*** Recorded data ***

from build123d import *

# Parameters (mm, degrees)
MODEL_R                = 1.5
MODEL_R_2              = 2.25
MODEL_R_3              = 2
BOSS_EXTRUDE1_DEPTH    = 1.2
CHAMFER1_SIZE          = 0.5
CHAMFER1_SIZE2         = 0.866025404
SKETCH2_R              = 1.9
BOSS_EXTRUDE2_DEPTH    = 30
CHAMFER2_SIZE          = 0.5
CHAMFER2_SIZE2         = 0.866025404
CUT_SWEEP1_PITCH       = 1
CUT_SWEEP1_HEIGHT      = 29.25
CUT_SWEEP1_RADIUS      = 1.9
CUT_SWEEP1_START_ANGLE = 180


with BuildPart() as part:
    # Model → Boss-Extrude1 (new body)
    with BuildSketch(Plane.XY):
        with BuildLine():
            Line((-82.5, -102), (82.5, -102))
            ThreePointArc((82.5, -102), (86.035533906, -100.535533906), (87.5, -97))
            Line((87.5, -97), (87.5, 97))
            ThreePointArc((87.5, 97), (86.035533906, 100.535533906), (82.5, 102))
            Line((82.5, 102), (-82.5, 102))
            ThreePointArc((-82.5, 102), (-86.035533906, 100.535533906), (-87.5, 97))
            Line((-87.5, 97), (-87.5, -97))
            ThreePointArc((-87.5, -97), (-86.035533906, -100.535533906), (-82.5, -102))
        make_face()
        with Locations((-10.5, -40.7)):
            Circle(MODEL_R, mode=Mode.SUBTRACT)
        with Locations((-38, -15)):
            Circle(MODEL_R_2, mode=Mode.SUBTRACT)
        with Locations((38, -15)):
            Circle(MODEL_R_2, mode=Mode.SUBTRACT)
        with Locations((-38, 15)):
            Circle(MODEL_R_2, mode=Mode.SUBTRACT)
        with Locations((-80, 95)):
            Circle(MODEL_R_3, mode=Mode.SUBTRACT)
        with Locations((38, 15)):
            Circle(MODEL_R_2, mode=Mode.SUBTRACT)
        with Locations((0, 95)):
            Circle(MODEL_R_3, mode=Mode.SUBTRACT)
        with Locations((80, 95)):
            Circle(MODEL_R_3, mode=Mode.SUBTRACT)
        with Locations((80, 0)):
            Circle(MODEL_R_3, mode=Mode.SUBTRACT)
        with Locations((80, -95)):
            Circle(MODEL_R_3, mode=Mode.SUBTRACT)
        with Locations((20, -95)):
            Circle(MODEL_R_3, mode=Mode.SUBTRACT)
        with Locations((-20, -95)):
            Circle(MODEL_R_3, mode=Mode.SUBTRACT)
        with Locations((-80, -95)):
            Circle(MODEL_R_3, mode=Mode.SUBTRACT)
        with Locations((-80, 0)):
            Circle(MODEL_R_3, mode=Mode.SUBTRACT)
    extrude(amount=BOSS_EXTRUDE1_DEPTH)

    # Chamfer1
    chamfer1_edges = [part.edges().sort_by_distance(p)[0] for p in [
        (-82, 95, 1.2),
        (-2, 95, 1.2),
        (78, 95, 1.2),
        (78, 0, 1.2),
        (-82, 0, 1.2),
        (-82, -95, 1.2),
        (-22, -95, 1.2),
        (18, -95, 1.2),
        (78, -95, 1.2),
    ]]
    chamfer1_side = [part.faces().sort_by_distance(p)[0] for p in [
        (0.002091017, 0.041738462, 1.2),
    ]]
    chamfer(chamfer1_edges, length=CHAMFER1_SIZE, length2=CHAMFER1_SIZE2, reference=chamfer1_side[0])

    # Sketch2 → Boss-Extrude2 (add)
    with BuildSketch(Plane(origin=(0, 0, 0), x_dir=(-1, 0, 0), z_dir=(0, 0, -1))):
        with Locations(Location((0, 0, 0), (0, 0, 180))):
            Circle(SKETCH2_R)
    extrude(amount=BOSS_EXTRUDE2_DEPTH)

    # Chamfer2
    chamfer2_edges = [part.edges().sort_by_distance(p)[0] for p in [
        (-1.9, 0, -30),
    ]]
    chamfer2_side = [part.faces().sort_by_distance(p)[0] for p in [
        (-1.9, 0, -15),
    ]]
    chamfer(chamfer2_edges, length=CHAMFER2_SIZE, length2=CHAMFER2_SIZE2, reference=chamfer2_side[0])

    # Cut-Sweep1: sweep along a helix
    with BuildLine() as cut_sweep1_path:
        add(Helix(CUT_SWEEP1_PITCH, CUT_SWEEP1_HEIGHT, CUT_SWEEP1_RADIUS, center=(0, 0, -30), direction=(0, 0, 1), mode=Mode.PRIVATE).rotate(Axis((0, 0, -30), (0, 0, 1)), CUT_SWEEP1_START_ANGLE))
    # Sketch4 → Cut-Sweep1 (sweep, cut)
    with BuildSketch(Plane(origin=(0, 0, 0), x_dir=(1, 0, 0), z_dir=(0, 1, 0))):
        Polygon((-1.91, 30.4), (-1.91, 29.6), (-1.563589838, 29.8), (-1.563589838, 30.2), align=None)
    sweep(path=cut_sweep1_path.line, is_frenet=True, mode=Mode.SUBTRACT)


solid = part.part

*** End of Recorded data ***

What you should do
Working through the records above, copy each line in which "BuildSketch" is found.

Task solution
    with BuildSketch(Plane.XY):
    with BuildSketch(Plane(origin=(0, 0, 0), x_dir=(-1, 0, 0), z_dir=(0, 0, -1))):
    with BuildSketch(Plane(origin=(0, 0, 0), x_dir=(1, 0, 0), z_dir=(0, 1, 0))):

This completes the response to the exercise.